--- Records ---

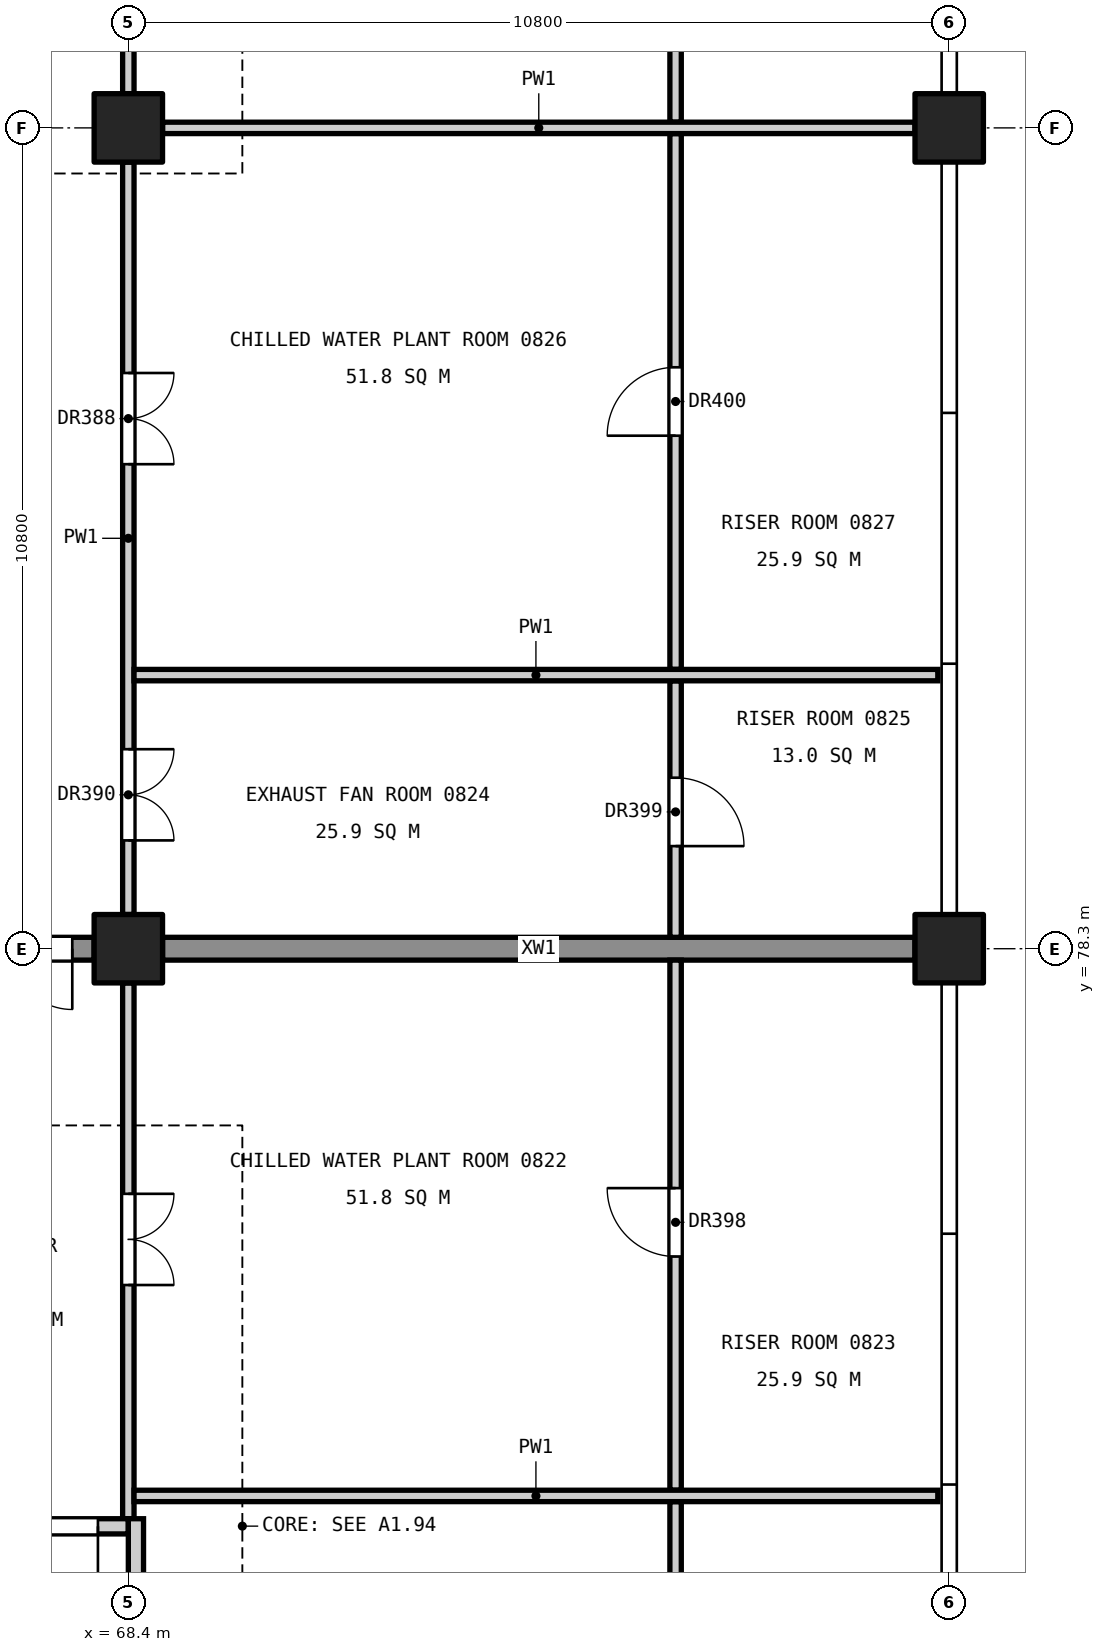
"""IFC4 building model, lengths in metres.
Left out: names, types, materials, properties, quantities, classifications, styles, units other than length and angle.
Written with IfcOpenShell. Run it as: python <this file> out.ifc"""

import sys

from ifc_helpers import new_model, si_unit, direction, frame, frame_2d, origin, origin_2d, place, context, subcontext, project, spatial, rectangle, extrude, element, fill, save


model = new_model("IFC4")
c1 = context("Model", 3, precision=1e-05, world=origin(), true_north=direction((0.0, 1.0)))
c2 = subcontext(c1, "Body", "Model", "MODEL_VIEW")
j1 = project(units=[si_unit("LENGTHUNIT", "METRE"), si_unit("PLANEANGLEUNIT", "RADIAN")], contexts=[c1])
p1 = place(None, origin())
s1 = spatial("IfcSite", under=j1, at=p1, CompositionType="ELEMENT")
p2 = place(p1, origin())
s2 = spatial("IfcBuilding", under=s1, at=p2, CompositionType="ELEMENT")
p3 = place(p2, frame((0.0, 0.0, 41.4)))
s3 = spatial("IfcBuildingStorey", under=s2, at=p3, CompositionType="ELEMENT", Elevation=41.4)
for number, where, z_axis, x_axis in (
    (1, (68.4, 78.3, 0.0), (0.0, 0.0, 1.0), (1.0, 0.0, 0.0)),
    (2, (68.4, 89.1, 0.0), (0.0, 0.0, 1.0), (1.0, 0.0, 0.0)),
    (3, (79.2, 78.3, 0.0), (0.0, 0.0, 1.0), (1.0, 0.0, 0.0)),
    (4, (79.2, 89.1, 0.0), (0.0, 0.0, 1.0), (1.0, 0.0, 0.0)),
):
    element("IfcColumn", number, at=place(p3, frame(where, z_axis=z_axis, x_axis=x_axis)), inside=s3, PredefinedType="COLUMN", context=c2, shape_type="SweptSolid", body=[
        extrude(rectangle(XDim=0.9, YDim=0.9, at=origin_2d()), origin(), (0.0, 0.0, 1.0), 4.8),
    ])
p4 = place(p3, frame((61.65, 78.3, 0.0), z_axis=(0.0, 0.0, 1.0), x_axis=(1.0, 0.0, 0.0)))
e5 = element("IfcWall", 5, at=p4, inside=s3, PredefinedType="SHEAR", context=c2, shape_type="SweptSolid", body=[
    extrude(rectangle(XDim=6.3, YDim=0.3, at=frame_2d((3.15, 0.0))), origin(), (0.0, 0.0, 1.0), 4.55),
])
p5 = place(p4, frame((4.413, 0.0, 0.0)))
e6 = element("IfcOpeningElement", 6, at=p5, cuts=e5, PredefinedType="OPENING", context=c2, shape_type="SweptSolid", body=[
    extrude(rectangle(XDim=1.6, YDim=2.1, at=frame_2d((0.8, 1.05))), frame((0.0, 0.16, 0.0), z_axis=(0.0, -1.0, 0.0), x_axis=(1.0, 0.0, 0.0)), (0.0, 0.0, 1.0), 0.32),
])
p6 = place(p3, frame((68.85, 78.3, 0.0), z_axis=(0.0, 0.0, 1.0), x_axis=(1.0, 0.0, 0.0)))
e7 = element("IfcWall", 7, at=p6, inside=s3, PredefinedType="SHEAR", context=c2, shape_type="SweptSolid", body=[
    extrude(rectangle(XDim=9.9, YDim=0.3, at=frame_2d((4.95, 0.0))), origin(), (0.0, 0.0, 1.0), 4.55),
])
p7 = place(p3, frame((68.4, 70.8, 0.0), z_axis=(0.0, 0.0, 1.0), x_axis=(0.0, 1.0, 0.0)))
e8 = element("IfcWall", 8, at=p7, inside=s3, PredefinedType="PARTITIONING", context=c2, shape_type="SweptSolid", body=[
    extrude(rectangle(XDim=7.05, YDim=0.15, at=frame_2d((3.525, 0.0))), origin(), (0.0, 0.0, 1.0), 3.55),
])
p8 = place(p7, frame((3.075, 0.0, 0.0)))
e9 = element("IfcOpeningElement", 9, at=p8, cuts=e8, PredefinedType="OPENING", context=c2, shape_type="SweptSolid", body=[
    extrude(rectangle(XDim=1.2, YDim=2.1, at=frame_2d((0.6, 1.05))), frame((0.0, 0.085, 0.0), z_axis=(0.0, -1.0, 0.0), x_axis=(1.0, 0.0, 0.0)), (0.0, 0.0, 1.0), 0.17),
])
p9 = place(p3, frame((68.4, 78.75, 0.0), z_axis=(0.0, 0.0, 1.0), x_axis=(0.0, 1.0, 0.0)))
e10 = element("IfcWall", 10, at=p9, inside=s3, PredefinedType="PARTITIONING", context=c2, shape_type="SweptSolid", body=[
    extrude(rectangle(XDim=9.9, YDim=0.15, at=frame_2d((4.95, 0.0))), origin(), (0.0, 0.0, 1.0), 3.55),
])
p10 = place(p9, frame((5.925, 0.0, 0.0)))
e11 = element("IfcOpeningElement", 11, at=p10, cuts=e10, PredefinedType="OPENING", context=c2, shape_type="SweptSolid", body=[
    extrude(rectangle(XDim=1.2, YDim=2.1, at=frame_2d((0.6, 1.05))), frame((0.0, 0.085, 0.0), z_axis=(0.0, -1.0, 0.0), x_axis=(1.0, 0.0, 0.0)), (0.0, 0.0, 1.0), 0.17),
])
p11 = place(p9, frame((0.975, 0.0, 0.0)))
e12 = element("IfcOpeningElement", 12, at=p11, cuts=e10, PredefinedType="OPENING", context=c2, shape_type="SweptSolid", body=[
    extrude(rectangle(XDim=1.2, YDim=2.1, at=frame_2d((0.6, 1.05))), frame((0.0, 0.085, 0.0), z_axis=(0.0, -1.0, 0.0), x_axis=(1.0, 0.0, 0.0)), (0.0, 0.0, 1.0), 0.17),
])
p12 = place(p3, frame((68.4, 89.55, 0.0), z_axis=(0.0, 0.0, 1.0), x_axis=(0.0, 1.0, 0.0)))
e13 = element("IfcWall", 13, at=p12, inside=s3, PredefinedType="PARTITIONING", context=c2, shape_type="SweptSolid", body=[
    extrude(rectangle(XDim=3.55, YDim=0.15, at=frame_2d((1.775, 0.0))), origin(), (0.0, 0.0, 1.0), 3.55),
])
p13 = place(p12, frame((1.175, 0.0, 0.0)))
e14 = element("IfcOpeningElement", 14, at=p13, cuts=e13, PredefinedType="OPENING", context=c2, shape_type="SweptSolid", body=[
    extrude(rectangle(XDim=1.2, YDim=2.1, at=frame_2d((0.6, 1.05))), frame((0.0, 0.085, 0.0), z_axis=(0.0, -1.0, 0.0), x_axis=(1.0, 0.0, 0.0)), (0.0, 0.0, 1.0), 0.17),
])
p14 = place(p3, frame((65.9, 70.7, 0.0), z_axis=(0.0, 0.0, 1.0), x_axis=(1.0, 0.0, 0.0)))
e15 = element("IfcWall", 15, at=p14, inside=s3, PredefinedType="PARTITIONING", context=c2, shape_type="SweptSolid", body=[
    extrude(rectangle(XDim=2.5, YDim=0.2, at=frame_2d((1.25, 0.0))), origin(), (0.0, 0.0, 1.0), 3.55),
])
p15 = place(p14, frame((0.9, 0.0, 0.0)))
e16 = element("IfcOpeningElement", 16, at=p15, cuts=e15, PredefinedType="OPENING", context=c2, shape_type="SweptSolid", body=[
    extrude(rectangle(XDim=1.2, YDim=2.1, at=frame_2d((0.6, 1.05))), frame((0.0, 0.11, 0.0), z_axis=(0.0, -1.0, 0.0), x_axis=(1.0, 0.0, 0.0)), (0.0, 0.0, 1.0), 0.22),
])
p16 = place(p3, frame((68.5, 67.95, 0.0), z_axis=(0.0, 0.0, 1.0), x_axis=(0.0, 1.0, 0.0)))
e17 = element("IfcWall", 17, at=p16, inside=s3, PredefinedType="PARTITIONING", context=c2, shape_type="SweptSolid", body=[
    extrude(rectangle(XDim=2.85, YDim=0.2, at=frame_2d((1.425, 0.0))), origin(), (0.0, 0.0, 1.0), 3.55),
])
p17 = place(p3, frame((75.6, 56.85, 0.0), z_axis=(0.0, 0.0, 1.0), x_axis=(0.0, 1.0, 0.0)))
e18 = element("IfcWall", 18, at=p17, inside=s3, PredefinedType="PARTITIONING", context=c2, shape_type="SweptSolid", body=[
    extrude(rectangle(XDim=14.175, YDim=0.15, at=frame_2d((7.087, 0.0))), origin(), (0.0, 0.0, 1.0), 3.55),
])
p18 = place(p17, frame((6.6, 0.0, 0.0)))
e19 = element("IfcOpeningElement", 19, at=p18, cuts=e18, PredefinedType="OPENING", context=c2, shape_type="SweptSolid", body=[
    extrude(rectangle(XDim=0.9, YDim=2.1, at=frame_2d((0.45, 1.05))), frame((0.0, 0.085, 0.0), z_axis=(0.0, -1.0, 0.0), x_axis=(1.0, 0.0, 0.0)), (0.0, 0.0, 1.0), 0.17),
])
p19 = place(p3, frame((75.6, 71.175, 0.0), z_axis=(0.0, 0.0, 1.0), x_axis=(0.0, 1.0, 0.0)))
e20 = element("IfcWall", 20, at=p19, inside=s3, PredefinedType="PARTITIONING", context=c2, shape_type="SweptSolid", body=[
    extrude(rectangle(XDim=6.975, YDim=0.15, at=frame_2d((3.487, 0.0))), origin(), (0.0, 0.0, 1.0), 3.55),
])
p20 = place(p19, frame((3.075, 0.0, 0.0)))
e21 = element("IfcOpeningElement", 21, at=p20, cuts=e20, PredefinedType="OPENING", context=c2, shape_type="SweptSolid", body=[
    extrude(rectangle(XDim=0.9, YDim=2.1, at=frame_2d((0.45, 1.05))), frame((0.0, 0.085, 0.0), z_axis=(0.0, -1.0, 0.0), x_axis=(1.0, 0.0, 0.0)), (0.0, 0.0, 1.0), 0.17),
])
p21 = place(p3, frame((75.6, 78.45, 0.0), z_axis=(0.0, 0.0, 1.0), x_axis=(0.0, 1.0, 0.0)))
e22 = element("IfcWall", 22, at=p21, inside=s3, PredefinedType="PARTITIONING", context=c2, shape_type="SweptSolid", body=[
    extrude(rectangle(XDim=3.375, YDim=0.15, at=frame_2d((1.688, 0.0))), origin(), (0.0, 0.0, 1.0), 3.55),
])
p22 = place(p21, frame((1.2, 0.0, 0.0)))
e23 = element("IfcOpeningElement", 23, at=p22, cuts=e22, PredefinedType="OPENING", context=c2, shape_type="SweptSolid", body=[
    extrude(rectangle(XDim=0.9, YDim=2.1, at=frame_2d((0.45, 1.05))), frame((0.0, 0.085, 0.0), z_axis=(0.0, -1.0, 0.0), x_axis=(1.0, 0.0, 0.0)), (0.0, 0.0, 1.0), 0.17),
])
p23 = place(p3, frame((75.6, 81.975, 0.0), z_axis=(0.0, 0.0, 1.0), x_axis=(0.0, 1.0, 0.0)))
e24 = element("IfcWall", 24, at=p23, inside=s3, PredefinedType="PARTITIONING", context=c2, shape_type="SweptSolid", body=[
    extrude(rectangle(XDim=7.05, YDim=0.15, at=frame_2d((3.525, 0.0))), origin(), (0.0, 0.0, 1.0), 3.55),
])
p24 = place(p23, frame((3.075, 0.0, 0.0)))
e25 = element("IfcOpeningElement", 25, at=p24, cuts=e24, PredefinedType="OPENING", context=c2, shape_type="SweptSolid", body=[
    extrude(rectangle(XDim=0.9, YDim=2.1, at=frame_2d((0.45, 1.05))), frame((0.0, 0.085, 0.0), z_axis=(0.0, -1.0, 0.0), x_axis=(1.0, 0.0, 0.0)), (0.0, 0.0, 1.0), 0.17),
])
p25 = place(p3, frame((75.6, 89.175, 0.0), z_axis=(0.0, 0.0, 1.0), x_axis=(0.0, 1.0, 0.0)))
e26 = element("IfcWall", 26, at=p25, inside=s3, PredefinedType="PARTITIONING", context=c2, shape_type="SweptSolid", body=[
    extrude(rectangle(XDim=10.575, YDim=0.15, at=frame_2d((5.288, 0.0))), origin(), (0.0, 0.0, 1.0), 3.55),
])
p26 = place(p25, frame((4.875, 0.0, 0.0)))
e27 = element("IfcOpeningElement", 27, at=p26, cuts=e26, PredefinedType="OPENING", context=c2, shape_type="SweptSolid", body=[
    extrude(rectangle(XDim=0.9, YDim=2.1, at=frame_2d((0.45, 1.05))), frame((0.0, 0.085, 0.0), z_axis=(0.0, -1.0, 0.0), x_axis=(1.0, 0.0, 0.0)), (0.0, 0.0, 1.0), 0.17),
])
for number, where, z_axis, x_axis in (
    (28, (68.475, 71.1, 0.0), (0.0, 0.0, 1.0), (1.0, 0.0, 0.0)),
    (29, (68.475, 81.9, 0.0), (0.0, 0.0, 1.0), (1.0, 0.0, 0.0)),
):
    element("IfcWall", number, at=place(p3, frame(where, z_axis=z_axis, x_axis=x_axis)), inside=s3, PredefinedType="PARTITIONING", context=c2, shape_type="SweptSolid", body=[
        extrude(rectangle(XDim=10.575, YDim=0.15, at=frame_2d((5.288, 0.0))), origin(), (0.0, 0.0, 1.0), 3.85),
    ])
p27 = place(p3, frame((68.85, 89.1, 0.0), z_axis=(0.0, 0.0, 1.0), x_axis=(1.0, 0.0, 0.0)))
e30 = element("IfcWall", 30, at=p27, inside=s3, PredefinedType="PARTITIONING", context=c2, shape_type="SweptSolid", body=[
    extrude(rectangle(XDim=9.9, YDim=0.15, at=frame_2d((4.95, 0.0))), origin(), (0.0, 0.0, 1.0), 3.85),
])
p28 = place(p8, frame((1.2, 0.0, 0.0), z_axis=(0.0, 0.0, 1.0), x_axis=(-1.0, 0.0, 0.0)))
e31 = element("IfcDoor", 31, at=p28, inside=s3, OperationType="DOUBLE_DOOR_SINGLE_SWING", PredefinedType="DOOR", context=c2, shape_type="SweptSolid", body=[
    extrude(rectangle(XDim=1.2, YDim=2.1, at=frame_2d((0.6, 1.05))), frame((0.0, 0.025, 0.0), z_axis=(0.0, -1.0, 0.0), x_axis=(1.0, 0.0, 0.0)), (0.0, 0.0, 1.0), 0.05),
])
fill(e9, e31)
p29 = place(p10, frame((1.2, 0.0, 0.0), z_axis=(0.0, 0.0, 1.0), x_axis=(-1.0, 0.0, 0.0)))
e32 = element("IfcDoor", 32, at=p29, inside=s3, OperationType="DOUBLE_DOOR_SINGLE_SWING", PredefinedType="DOOR", context=c2, shape_type="SweptSolid", body=[
    extrude(rectangle(XDim=1.2, YDim=2.1, at=frame_2d((0.6, 1.05))), frame((0.0, 0.025, 0.0), z_axis=(0.0, -1.0, 0.0), x_axis=(1.0, 0.0, 0.0)), (0.0, 0.0, 1.0), 0.05),
])
fill(e11, e32)
p30 = place(p11, frame((1.2, 0.0, 0.0), z_axis=(0.0, 0.0, 1.0), x_axis=(-1.0, 0.0, 0.0)))
e33 = element("IfcDoor", 33, at=p30, inside=s3, OperationType="DOUBLE_DOOR_SINGLE_SWING", PredefinedType="DOOR", context=c2, shape_type="SweptSolid", body=[
    extrude(rectangle(XDim=1.2, YDim=2.1, at=frame_2d((0.6, 1.05))), frame((0.0, 0.025, 0.0), z_axis=(0.0, -1.0, 0.0), x_axis=(1.0, 0.0, 0.0)), (0.0, 0.0, 1.0), 0.05),
])
fill(e12, e33)
p31 = place(p20, origin())
e34 = element("IfcDoor", 34, at=p31, inside=s3, OperationType="SINGLE_SWING_RIGHT", PredefinedType="DOOR", context=c2, shape_type="SweptSolid", body=[
    extrude(rectangle(XDim=0.9, YDim=2.1, at=frame_2d((0.45, 1.05))), frame((0.0, 0.025, 0.0), z_axis=(0.0, -1.0, 0.0), x_axis=(1.0, 0.0, 0.0)), (0.0, 0.0, 1.0), 0.05),
])
fill(e21, e34)
p32 = place(p22, frame((0.9, 0.0, 0.0), z_axis=(0.0, 0.0, 1.0), x_axis=(-1.0, 0.0, 0.0)))
e35 = element("IfcDoor", 35, at=p32, inside=s3, OperationType="SINGLE_SWING_RIGHT", PredefinedType="DOOR", context=c2, shape_type="SweptSolid", body=[
    extrude(rectangle(XDim=0.9, YDim=2.1, at=frame_2d((0.45, 1.05))), frame((0.0, 0.025, 0.0), z_axis=(0.0, -1.0, 0.0), x_axis=(1.0, 0.0, 0.0)), (0.0, 0.0, 1.0), 0.05),
])
fill(e23, e35)
p33 = place(p24, origin())
e36 = element("IfcDoor", 36, at=p33, inside=s3, OperationType="SINGLE_SWING_LEFT", PredefinedType="DOOR", context=c2, shape_type="SweptSolid", body=[
    extrude(rectangle(XDim=0.9, YDim=2.1, at=frame_2d((0.45, 1.05))), frame((0.0, 0.025, 0.0), z_axis=(0.0, -1.0, 0.0), x_axis=(1.0, 0.0, 0.0)), (0.0, 0.0, 1.0), 0.05),
])
fill(e25, e36)
p34 = place(p15, frame((1.2, 0.0, 0.0), z_axis=(0.0, 0.0, 1.0), x_axis=(-1.0, 0.0, 0.0)))
e37 = element("IfcDoor", 37, at=p34, inside=s3, OperationType="SINGLE_SWING_LEFT", PredefinedType="DOOR", context=c2, shape_type="SweptSolid", body=[
    extrude(rectangle(XDim=1.2, YDim=2.1, at=frame_2d((0.6, 1.05))), frame((0.0, 0.025, 0.0), z_axis=(0.0, -1.0, 0.0), x_axis=(1.0, 0.0, 0.0)), (0.0, 0.0, 1.0), 0.05),
])
fill(e16, e37)
p35 = place(p5, frame((1.6, 0.0, 0.0), z_axis=(0.0, 0.0, 1.0), x_axis=(-1.0, 0.0, 0.0)))
e38 = element("IfcDoor", 38, at=p35, inside=s3, OperationType="DOUBLE_DOOR_SINGLE_SWING", PredefinedType="DOOR", context=c2, shape_type="SweptSolid", body=[
    extrude(rectangle(XDim=1.6, YDim=2.1, at=frame_2d((0.8, 1.05))), frame((0.0, 0.025, 0.0), z_axis=(0.0, -1.0, 0.0), x_axis=(1.0, 0.0, 0.0)), (0.0, 0.0, 1.0), 0.05),
])
fill(e6, e38)
save(model, sys.argv[1])

---

# Problem to solve
Look over the entries above and say how many lines contain "SHEAR"; give only the number.

# Answer box
2